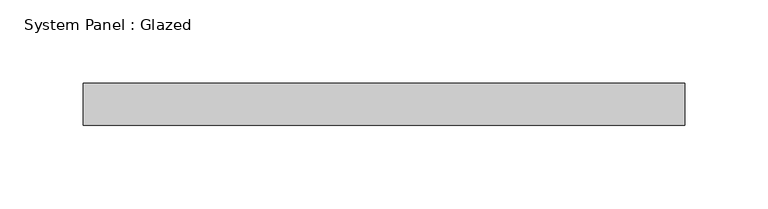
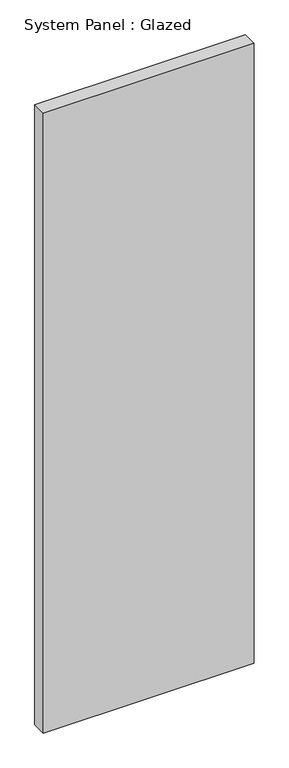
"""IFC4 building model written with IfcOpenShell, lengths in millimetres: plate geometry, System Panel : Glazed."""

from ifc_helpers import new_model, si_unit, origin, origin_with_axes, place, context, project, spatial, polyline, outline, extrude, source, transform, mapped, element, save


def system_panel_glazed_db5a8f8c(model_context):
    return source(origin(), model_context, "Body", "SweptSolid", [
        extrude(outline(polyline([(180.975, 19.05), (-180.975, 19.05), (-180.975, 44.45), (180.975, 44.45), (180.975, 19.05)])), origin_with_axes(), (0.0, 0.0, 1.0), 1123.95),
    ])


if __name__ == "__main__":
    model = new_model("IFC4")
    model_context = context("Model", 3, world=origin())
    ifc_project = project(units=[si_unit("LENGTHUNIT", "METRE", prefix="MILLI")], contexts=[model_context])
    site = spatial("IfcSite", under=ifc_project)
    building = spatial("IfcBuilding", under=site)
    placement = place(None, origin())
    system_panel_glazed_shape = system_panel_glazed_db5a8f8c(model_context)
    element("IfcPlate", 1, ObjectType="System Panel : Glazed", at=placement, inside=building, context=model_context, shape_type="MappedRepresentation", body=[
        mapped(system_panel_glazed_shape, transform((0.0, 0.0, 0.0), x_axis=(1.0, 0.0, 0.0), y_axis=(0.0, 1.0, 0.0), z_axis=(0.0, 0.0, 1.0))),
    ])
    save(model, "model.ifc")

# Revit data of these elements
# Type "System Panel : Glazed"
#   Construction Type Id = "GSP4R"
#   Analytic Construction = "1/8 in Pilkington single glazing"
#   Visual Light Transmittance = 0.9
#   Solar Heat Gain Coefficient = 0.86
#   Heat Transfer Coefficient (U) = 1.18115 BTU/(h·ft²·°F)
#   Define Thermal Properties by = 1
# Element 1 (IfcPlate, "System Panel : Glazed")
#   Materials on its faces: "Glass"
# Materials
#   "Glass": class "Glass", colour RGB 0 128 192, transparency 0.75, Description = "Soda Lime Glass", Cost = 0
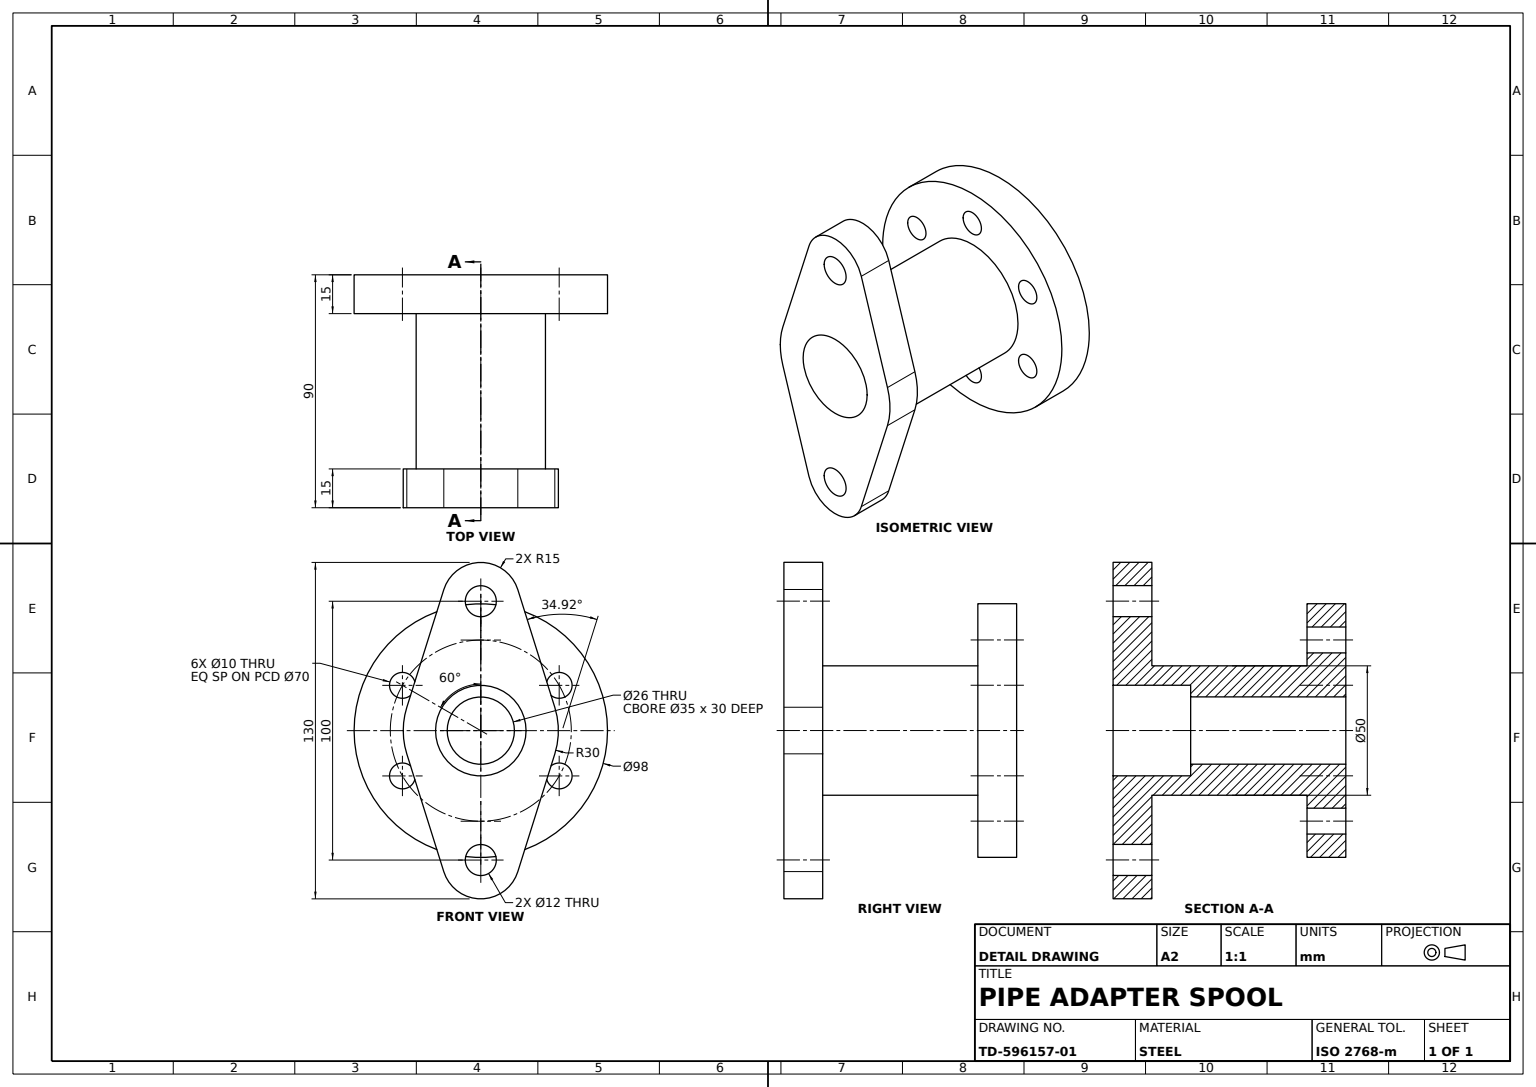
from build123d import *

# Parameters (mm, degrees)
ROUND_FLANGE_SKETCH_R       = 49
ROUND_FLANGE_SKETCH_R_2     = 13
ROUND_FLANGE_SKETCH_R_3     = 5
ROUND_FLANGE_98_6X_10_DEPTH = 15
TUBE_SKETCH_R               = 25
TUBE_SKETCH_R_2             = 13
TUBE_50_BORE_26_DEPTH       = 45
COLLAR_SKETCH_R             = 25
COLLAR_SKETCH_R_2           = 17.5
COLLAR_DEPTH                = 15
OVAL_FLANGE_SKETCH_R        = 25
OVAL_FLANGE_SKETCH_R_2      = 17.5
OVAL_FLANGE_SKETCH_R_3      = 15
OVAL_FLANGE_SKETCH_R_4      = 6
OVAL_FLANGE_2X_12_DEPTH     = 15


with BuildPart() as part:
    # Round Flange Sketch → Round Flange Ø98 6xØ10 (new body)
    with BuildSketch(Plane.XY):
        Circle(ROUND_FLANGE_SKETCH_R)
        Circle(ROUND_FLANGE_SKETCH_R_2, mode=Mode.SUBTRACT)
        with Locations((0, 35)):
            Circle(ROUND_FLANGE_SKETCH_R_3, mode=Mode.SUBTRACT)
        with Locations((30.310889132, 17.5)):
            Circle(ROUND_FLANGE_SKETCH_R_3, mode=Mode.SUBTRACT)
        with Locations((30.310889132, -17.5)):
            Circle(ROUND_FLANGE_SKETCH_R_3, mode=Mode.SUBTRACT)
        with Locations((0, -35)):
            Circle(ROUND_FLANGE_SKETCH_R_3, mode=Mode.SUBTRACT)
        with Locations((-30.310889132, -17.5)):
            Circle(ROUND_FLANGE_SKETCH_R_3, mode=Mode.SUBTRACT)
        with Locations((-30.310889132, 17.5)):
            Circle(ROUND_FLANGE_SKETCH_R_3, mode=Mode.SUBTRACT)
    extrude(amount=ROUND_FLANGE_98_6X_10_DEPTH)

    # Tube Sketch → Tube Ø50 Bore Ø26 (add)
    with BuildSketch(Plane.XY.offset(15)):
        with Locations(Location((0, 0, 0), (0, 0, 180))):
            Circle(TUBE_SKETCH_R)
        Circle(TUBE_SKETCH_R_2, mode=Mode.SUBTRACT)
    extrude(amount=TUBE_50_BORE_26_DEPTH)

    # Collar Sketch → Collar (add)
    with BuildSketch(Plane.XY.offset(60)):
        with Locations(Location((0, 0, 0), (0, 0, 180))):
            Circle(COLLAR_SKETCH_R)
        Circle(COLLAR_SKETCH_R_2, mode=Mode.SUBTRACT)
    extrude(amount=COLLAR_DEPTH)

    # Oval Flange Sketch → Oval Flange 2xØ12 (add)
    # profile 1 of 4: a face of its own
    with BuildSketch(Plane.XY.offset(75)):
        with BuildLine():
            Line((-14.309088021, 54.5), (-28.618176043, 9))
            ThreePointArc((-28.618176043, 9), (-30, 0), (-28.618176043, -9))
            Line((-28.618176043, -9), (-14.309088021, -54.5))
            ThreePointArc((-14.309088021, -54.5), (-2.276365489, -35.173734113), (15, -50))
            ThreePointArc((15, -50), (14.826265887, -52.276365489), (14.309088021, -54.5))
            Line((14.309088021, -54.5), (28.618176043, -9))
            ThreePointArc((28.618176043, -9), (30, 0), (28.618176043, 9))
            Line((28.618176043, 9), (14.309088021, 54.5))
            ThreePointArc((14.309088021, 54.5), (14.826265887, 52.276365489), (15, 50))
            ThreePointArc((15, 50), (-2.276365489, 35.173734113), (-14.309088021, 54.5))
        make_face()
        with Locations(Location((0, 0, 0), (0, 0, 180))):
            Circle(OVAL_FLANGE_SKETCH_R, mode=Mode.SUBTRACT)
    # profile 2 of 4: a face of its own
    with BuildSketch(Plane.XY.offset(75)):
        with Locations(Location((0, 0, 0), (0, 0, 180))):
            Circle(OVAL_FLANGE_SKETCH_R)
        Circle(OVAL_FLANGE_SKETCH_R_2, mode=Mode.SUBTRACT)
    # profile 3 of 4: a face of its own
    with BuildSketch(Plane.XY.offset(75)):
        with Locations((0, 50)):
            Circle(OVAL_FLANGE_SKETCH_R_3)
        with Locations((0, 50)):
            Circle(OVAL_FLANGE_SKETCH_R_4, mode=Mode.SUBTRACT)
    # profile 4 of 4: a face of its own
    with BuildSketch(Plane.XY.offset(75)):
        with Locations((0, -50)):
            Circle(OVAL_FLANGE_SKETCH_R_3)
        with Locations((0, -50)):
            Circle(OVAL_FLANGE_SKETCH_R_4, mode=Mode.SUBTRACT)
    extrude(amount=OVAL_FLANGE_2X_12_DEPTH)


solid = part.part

* * *

- **TASK GOAL**
Transcribe every entry exactly. Leave out the pictures.

- **SOLUTION TO THIS TASK**
"""IFC4 building model written with IfcOpenShell, lengths in millimetres: plate geometry, System Panel : Glazed."""

from ifc_helpers import new_model, si_unit, origin, origin_with_axes, place, context, project, spatial, polyline, outline, extrude, source, transform, mapped, element, save


def system_panel_glazed_db5a8f8c(model_context):
    return source(origin(), model_context, "Body", "SweptSolid", [
        extrude(outline(polyline([(180.975, 19.05), (-180.975, 19.05), (-180.975, 44.45), (180.975, 44.45), (180.975, 19.05)])), origin_with_axes(), (0.0, 0.0, 1.0), 1123.95),
    ])


if __name__ == "__main__":
    model = new_model("IFC4")
    model_context = context("Model", 3, world=origin())
    ifc_project = project(units=[si_unit("LENGTHUNIT", "METRE", prefix="MILLI")], contexts=[model_context])
    site = spatial("IfcSite", under=ifc_project)
    building = spatial("IfcBuilding", under=site)
    placement = place(None, origin())
    system_panel_glazed_shape = system_panel_glazed_db5a8f8c(model_context)
    element("IfcPlate", 1, ObjectType="System Panel : Glazed", at=placement, inside=building, context=model_context, shape_type="MappedRepresentation", body=[
        mapped(system_panel_glazed_shape, transform((0.0, 0.0, 0.0), x_axis=(1.0, 0.0, 0.0), y_axis=(0.0, 1.0, 0.0), z_axis=(0.0, 0.0, 1.0))),
    ])
    save(model, "model.ifc")

# Revit data of these elements
# Type "System Panel : Glazed"
#   Construction Type Id = "GSP4R"
#   Analytic Construction = "1/8 in Pilkington single glazing"
#   Visual Light Transmittance = 0.9
#   Solar Heat Gain Coefficient = 0.86
#   Heat Transfer Coefficient (U) = 1.18115 BTU/(h·ft²·°F)
#   Define Thermal Properties by = 1
# Element 1 (IfcPlate, "System Panel : Glazed")
#   Materials on its faces: "Glass"
# Materials
#   "Glass": class "Glass", colour RGB 0 128 192, transparency 0.75, Description = "Soda Lime Glass", Cost = 0
from build123d import *

# Parameters (mm, degrees)
ROUND_FLANGE_SKETCH_R       = 49
ROUND_FLANGE_SKETCH_R_2     = 13
ROUND_FLANGE_SKETCH_R_3     = 5
ROUND_FLANGE_98_6X_10_DEPTH = 15
TUBE_SKETCH_R               = 25
TUBE_SKETCH_R_2             = 13
TUBE_50_BORE_26_DEPTH       = 45
COLLAR_SKETCH_R             = 25
COLLAR_SKETCH_R_2           = 17.5
COLLAR_DEPTH                = 15
OVAL_FLANGE_SKETCH_R        = 25
OVAL_FLANGE_SKETCH_R_2      = 17.5
OVAL_FLANGE_SKETCH_R_3      = 15
OVAL_FLANGE_SKETCH_R_4      = 6
OVAL_FLANGE_2X_12_DEPTH     = 15


with BuildPart() as part:
    # Round Flange Sketch → Round Flange Ø98 6xØ10 (new body)
    with BuildSketch(Plane.XY):
        Circle(ROUND_FLANGE_SKETCH_R)
        Circle(ROUND_FLANGE_SKETCH_R_2, mode=Mode.SUBTRACT)
        with Locations((0, 35)):
            Circle(ROUND_FLANGE_SKETCH_R_3, mode=Mode.SUBTRACT)
        with Locations((30.310889132, 17.5)):
            Circle(ROUND_FLANGE_SKETCH_R_3, mode=Mode.SUBTRACT)
        with Locations((30.310889132, -17.5)):
            Circle(ROUND_FLANGE_SKETCH_R_3, mode=Mode.SUBTRACT)
        with Locations((0, -35)):
            Circle(ROUND_FLANGE_SKETCH_R_3, mode=Mode.SUBTRACT)
        with Locations((-30.310889132, -17.5)):
            Circle(ROUND_FLANGE_SKETCH_R_3, mode=Mode.SUBTRACT)
        with Locations((-30.310889132, 17.5)):
            Circle(ROUND_FLANGE_SKETCH_R_3, mode=Mode.SUBTRACT)
    extrude(amount=ROUND_FLANGE_98_6X_10_DEPTH)

    # Tube Sketch → Tube Ø50 Bore Ø26 (add)
    with BuildSketch(Plane.XY.offset(15)):
        with Locations(Location((0, 0, 0), (0, 0, 180))):
            Circle(TUBE_SKETCH_R)
        Circle(TUBE_SKETCH_R_2, mode=Mode.SUBTRACT)
    extrude(amount=TUBE_50_BORE_26_DEPTH)

    # Collar Sketch → Collar (add)
    with BuildSketch(Plane.XY.offset(60)):
        with Locations(Location((0, 0, 0), (0, 0, 180))):
            Circle(COLLAR_SKETCH_R)
        Circle(COLLAR_SKETCH_R_2, mode=Mode.SUBTRACT)
    extrude(amount=COLLAR_DEPTH)

    # Oval Flange Sketch → Oval Flange 2xØ12 (add)
    # profile 1 of 4: a face of its own
    with BuildSketch(Plane.XY.offset(75)):
        with BuildLine():
            Line((-14.309088021, 54.5), (-28.618176043, 9))
            ThreePointArc((-28.618176043, 9), (-30, 0), (-28.618176043, -9))
            Line((-28.618176043, -9), (-14.309088021, -54.5))
            ThreePointArc((-14.309088021, -54.5), (-2.276365489, -35.173734113), (15, -50))
            ThreePointArc((15, -50), (14.826265887, -52.276365489), (14.309088021, -54.5))
            Line((14.309088021, -54.5), (28.618176043, -9))
            ThreePointArc((28.618176043, -9), (30, 0), (28.618176043, 9))
            Line((28.618176043, 9), (14.309088021, 54.5))
            ThreePointArc((14.309088021, 54.5), (14.826265887, 52.276365489), (15, 50))
            ThreePointArc((15, 50), (-2.276365489, 35.173734113), (-14.309088021, 54.5))
        make_face()
        with Locations(Location((0, 0, 0), (0, 0, 180))):
            Circle(OVAL_FLANGE_SKETCH_R, mode=Mode.SUBTRACT)
    # profile 2 of 4: a face of its own
    with BuildSketch(Plane.XY.offset(75)):
        with Locations(Location((0, 0, 0), (0, 0, 180))):
            Circle(OVAL_FLANGE_SKETCH_R)
        Circle(OVAL_FLANGE_SKETCH_R_2, mode=Mode.SUBTRACT)
    # profile 3 of 4: a face of its own
    with BuildSketch(Plane.XY.offset(75)):
        with Locations((0, 50)):
            Circle(OVAL_FLANGE_SKETCH_R_3)
        with Locations((0, 50)):
            Circle(OVAL_FLANGE_SKETCH_R_4, mode=Mode.SUBTRACT)
    # profile 4 of 4: a face of its own
    with BuildSketch(Plane.XY.offset(75)):
        with Locations((0, -50)):
            Circle(OVAL_FLANGE_SKETCH_R_3)
        with Locations((0, -50)):
            Circle(OVAL_FLANGE_SKETCH_R_4, mode=Mode.SUBTRACT)
    extrude(amount=OVAL_FLANGE_2X_12_DEPTH)


solid = part.part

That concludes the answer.